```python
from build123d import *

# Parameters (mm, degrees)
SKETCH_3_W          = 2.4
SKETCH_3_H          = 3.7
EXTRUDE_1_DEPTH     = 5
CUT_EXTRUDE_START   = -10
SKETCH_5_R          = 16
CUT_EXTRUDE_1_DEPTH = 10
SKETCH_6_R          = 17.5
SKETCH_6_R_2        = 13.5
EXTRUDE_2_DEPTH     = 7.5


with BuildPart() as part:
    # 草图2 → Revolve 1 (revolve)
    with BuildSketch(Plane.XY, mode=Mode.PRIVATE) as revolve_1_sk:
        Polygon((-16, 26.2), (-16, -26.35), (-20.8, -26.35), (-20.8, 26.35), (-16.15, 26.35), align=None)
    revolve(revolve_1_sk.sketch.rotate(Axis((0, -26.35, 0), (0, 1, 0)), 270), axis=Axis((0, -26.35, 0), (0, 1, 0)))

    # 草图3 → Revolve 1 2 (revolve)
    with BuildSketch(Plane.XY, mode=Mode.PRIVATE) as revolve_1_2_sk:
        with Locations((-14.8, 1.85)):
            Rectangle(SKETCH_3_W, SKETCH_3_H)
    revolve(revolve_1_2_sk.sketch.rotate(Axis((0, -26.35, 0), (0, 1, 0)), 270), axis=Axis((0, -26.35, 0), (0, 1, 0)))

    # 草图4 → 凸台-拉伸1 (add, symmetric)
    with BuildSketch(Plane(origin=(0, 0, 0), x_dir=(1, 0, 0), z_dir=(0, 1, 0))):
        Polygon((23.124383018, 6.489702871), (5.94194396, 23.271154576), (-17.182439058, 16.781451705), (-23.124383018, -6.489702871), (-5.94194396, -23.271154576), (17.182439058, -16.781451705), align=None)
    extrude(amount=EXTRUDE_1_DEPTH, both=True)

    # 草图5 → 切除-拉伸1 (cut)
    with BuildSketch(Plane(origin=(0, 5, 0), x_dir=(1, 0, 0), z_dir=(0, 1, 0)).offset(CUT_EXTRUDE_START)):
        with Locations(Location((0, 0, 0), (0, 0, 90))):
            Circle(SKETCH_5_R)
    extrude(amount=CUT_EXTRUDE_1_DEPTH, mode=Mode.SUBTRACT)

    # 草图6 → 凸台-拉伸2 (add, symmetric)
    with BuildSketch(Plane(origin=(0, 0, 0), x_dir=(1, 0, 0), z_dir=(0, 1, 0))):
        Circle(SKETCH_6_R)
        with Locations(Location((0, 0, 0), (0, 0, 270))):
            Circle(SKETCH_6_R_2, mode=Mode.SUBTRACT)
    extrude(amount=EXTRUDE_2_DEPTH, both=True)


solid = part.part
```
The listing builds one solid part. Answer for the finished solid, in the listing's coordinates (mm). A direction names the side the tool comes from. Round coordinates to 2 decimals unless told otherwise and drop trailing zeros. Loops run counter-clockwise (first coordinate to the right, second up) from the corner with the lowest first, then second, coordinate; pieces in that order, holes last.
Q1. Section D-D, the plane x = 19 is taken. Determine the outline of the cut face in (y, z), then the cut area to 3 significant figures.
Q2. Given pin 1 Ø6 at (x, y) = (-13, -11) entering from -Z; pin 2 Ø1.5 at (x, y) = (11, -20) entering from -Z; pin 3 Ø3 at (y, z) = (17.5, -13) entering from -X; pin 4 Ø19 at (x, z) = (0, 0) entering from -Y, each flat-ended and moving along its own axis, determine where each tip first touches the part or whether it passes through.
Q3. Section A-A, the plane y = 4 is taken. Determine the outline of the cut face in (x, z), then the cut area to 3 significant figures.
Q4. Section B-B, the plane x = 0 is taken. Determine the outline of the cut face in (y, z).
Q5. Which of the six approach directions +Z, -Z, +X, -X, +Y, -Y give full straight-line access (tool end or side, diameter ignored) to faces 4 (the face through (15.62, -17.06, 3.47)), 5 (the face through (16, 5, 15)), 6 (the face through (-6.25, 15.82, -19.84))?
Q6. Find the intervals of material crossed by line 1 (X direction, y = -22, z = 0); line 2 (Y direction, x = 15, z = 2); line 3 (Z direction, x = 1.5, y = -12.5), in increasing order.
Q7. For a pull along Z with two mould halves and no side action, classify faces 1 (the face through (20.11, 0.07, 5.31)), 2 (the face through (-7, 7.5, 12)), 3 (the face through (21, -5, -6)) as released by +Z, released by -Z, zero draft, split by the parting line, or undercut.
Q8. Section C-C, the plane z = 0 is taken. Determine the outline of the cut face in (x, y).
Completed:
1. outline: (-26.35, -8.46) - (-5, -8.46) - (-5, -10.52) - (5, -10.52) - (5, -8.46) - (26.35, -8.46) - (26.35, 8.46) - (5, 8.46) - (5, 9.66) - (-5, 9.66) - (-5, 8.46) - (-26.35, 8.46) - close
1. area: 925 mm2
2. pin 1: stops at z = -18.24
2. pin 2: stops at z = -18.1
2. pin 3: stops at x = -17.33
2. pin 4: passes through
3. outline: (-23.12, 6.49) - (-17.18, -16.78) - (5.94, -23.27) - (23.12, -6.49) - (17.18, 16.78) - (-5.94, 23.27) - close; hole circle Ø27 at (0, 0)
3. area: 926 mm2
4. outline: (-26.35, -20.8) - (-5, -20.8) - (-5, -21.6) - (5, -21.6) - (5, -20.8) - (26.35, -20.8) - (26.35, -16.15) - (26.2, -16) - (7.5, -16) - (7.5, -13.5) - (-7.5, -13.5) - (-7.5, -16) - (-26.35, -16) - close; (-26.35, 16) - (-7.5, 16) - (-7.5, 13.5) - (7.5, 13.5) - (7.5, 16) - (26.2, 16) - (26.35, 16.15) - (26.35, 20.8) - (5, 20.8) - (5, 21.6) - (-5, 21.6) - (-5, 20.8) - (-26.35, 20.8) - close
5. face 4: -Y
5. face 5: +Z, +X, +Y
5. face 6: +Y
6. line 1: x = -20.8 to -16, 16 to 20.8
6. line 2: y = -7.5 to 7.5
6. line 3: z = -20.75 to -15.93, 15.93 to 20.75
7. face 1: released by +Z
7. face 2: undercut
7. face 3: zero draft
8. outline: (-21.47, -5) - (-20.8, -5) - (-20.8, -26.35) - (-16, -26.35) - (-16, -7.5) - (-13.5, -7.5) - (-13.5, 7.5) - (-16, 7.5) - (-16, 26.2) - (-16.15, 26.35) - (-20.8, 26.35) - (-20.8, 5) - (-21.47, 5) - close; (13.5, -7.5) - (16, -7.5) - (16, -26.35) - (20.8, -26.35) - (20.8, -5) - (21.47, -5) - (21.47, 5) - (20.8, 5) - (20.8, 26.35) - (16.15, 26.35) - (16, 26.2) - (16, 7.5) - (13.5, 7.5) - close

━━━

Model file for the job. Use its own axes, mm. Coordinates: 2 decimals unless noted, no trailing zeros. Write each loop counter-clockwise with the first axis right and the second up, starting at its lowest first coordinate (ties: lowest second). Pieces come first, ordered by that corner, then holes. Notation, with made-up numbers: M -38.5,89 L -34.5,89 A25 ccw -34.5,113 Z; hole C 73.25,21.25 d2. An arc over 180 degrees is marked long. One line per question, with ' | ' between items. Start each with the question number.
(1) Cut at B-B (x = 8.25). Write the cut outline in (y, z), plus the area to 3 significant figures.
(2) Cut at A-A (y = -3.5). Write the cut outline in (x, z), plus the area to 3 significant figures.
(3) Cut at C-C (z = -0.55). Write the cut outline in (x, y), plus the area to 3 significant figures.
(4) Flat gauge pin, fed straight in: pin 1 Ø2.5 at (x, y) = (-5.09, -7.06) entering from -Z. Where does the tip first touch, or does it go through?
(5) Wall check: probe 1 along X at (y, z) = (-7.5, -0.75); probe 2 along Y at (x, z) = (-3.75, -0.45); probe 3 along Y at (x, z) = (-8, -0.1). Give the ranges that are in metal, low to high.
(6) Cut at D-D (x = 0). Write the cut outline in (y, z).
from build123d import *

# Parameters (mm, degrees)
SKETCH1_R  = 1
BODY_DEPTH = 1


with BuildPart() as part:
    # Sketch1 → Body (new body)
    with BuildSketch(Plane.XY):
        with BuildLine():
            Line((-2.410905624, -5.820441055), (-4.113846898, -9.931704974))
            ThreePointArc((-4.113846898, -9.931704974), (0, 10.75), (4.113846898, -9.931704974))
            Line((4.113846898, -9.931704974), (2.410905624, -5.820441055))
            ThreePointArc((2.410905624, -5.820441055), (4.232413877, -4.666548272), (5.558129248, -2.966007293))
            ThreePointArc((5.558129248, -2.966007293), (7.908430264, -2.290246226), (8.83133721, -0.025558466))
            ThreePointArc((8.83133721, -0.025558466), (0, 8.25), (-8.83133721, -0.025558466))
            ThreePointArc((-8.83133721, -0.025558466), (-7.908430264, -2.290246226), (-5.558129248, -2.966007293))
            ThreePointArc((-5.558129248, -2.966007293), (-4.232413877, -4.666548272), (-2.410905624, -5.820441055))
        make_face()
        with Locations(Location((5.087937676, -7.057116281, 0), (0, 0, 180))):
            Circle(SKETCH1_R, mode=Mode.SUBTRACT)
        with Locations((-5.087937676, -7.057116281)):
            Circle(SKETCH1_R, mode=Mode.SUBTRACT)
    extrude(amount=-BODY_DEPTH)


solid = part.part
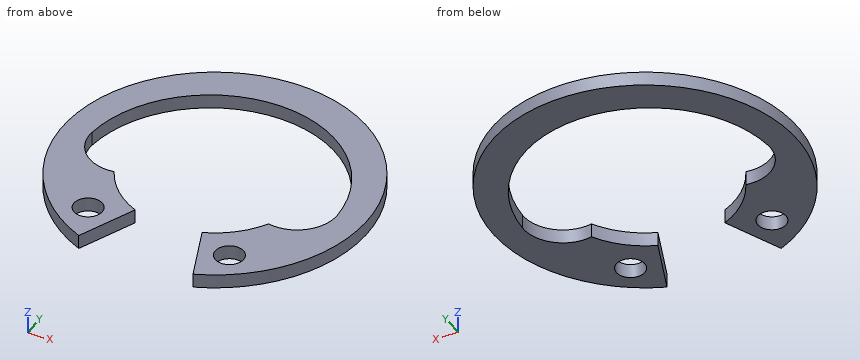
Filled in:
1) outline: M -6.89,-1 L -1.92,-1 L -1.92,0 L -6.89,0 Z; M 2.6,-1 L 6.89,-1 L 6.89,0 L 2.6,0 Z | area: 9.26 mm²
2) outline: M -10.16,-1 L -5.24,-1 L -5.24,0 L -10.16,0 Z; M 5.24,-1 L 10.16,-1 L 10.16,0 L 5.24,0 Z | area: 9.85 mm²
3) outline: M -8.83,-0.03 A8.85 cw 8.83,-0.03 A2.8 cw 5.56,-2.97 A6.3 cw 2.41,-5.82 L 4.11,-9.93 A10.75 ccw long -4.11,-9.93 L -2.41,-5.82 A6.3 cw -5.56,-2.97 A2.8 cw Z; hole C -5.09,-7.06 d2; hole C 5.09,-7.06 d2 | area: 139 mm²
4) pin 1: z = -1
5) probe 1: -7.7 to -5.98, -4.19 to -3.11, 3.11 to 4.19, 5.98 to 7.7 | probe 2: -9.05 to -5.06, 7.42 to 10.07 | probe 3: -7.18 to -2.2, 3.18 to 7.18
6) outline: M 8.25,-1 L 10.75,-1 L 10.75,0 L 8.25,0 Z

━━━

> [Work to complete]
The lines to return are those holding the string "align" anywhere in the listing above.

> [Answer to the exercise]
        Polygon((-16, 26.2), (-16, -26.35), (-20.8, -26.35), (-20.8, 26.35), (-16.15, 26.35), align=None)
        Polygon((23.124383018, 6.489702871), (5.94194396, 23.271154576), (-17.182439058, 16.781451705), (-23.124383018, -6.489702871), (-5.94194396, -23.271154576), (17.182439058, -16.781451705), align=None)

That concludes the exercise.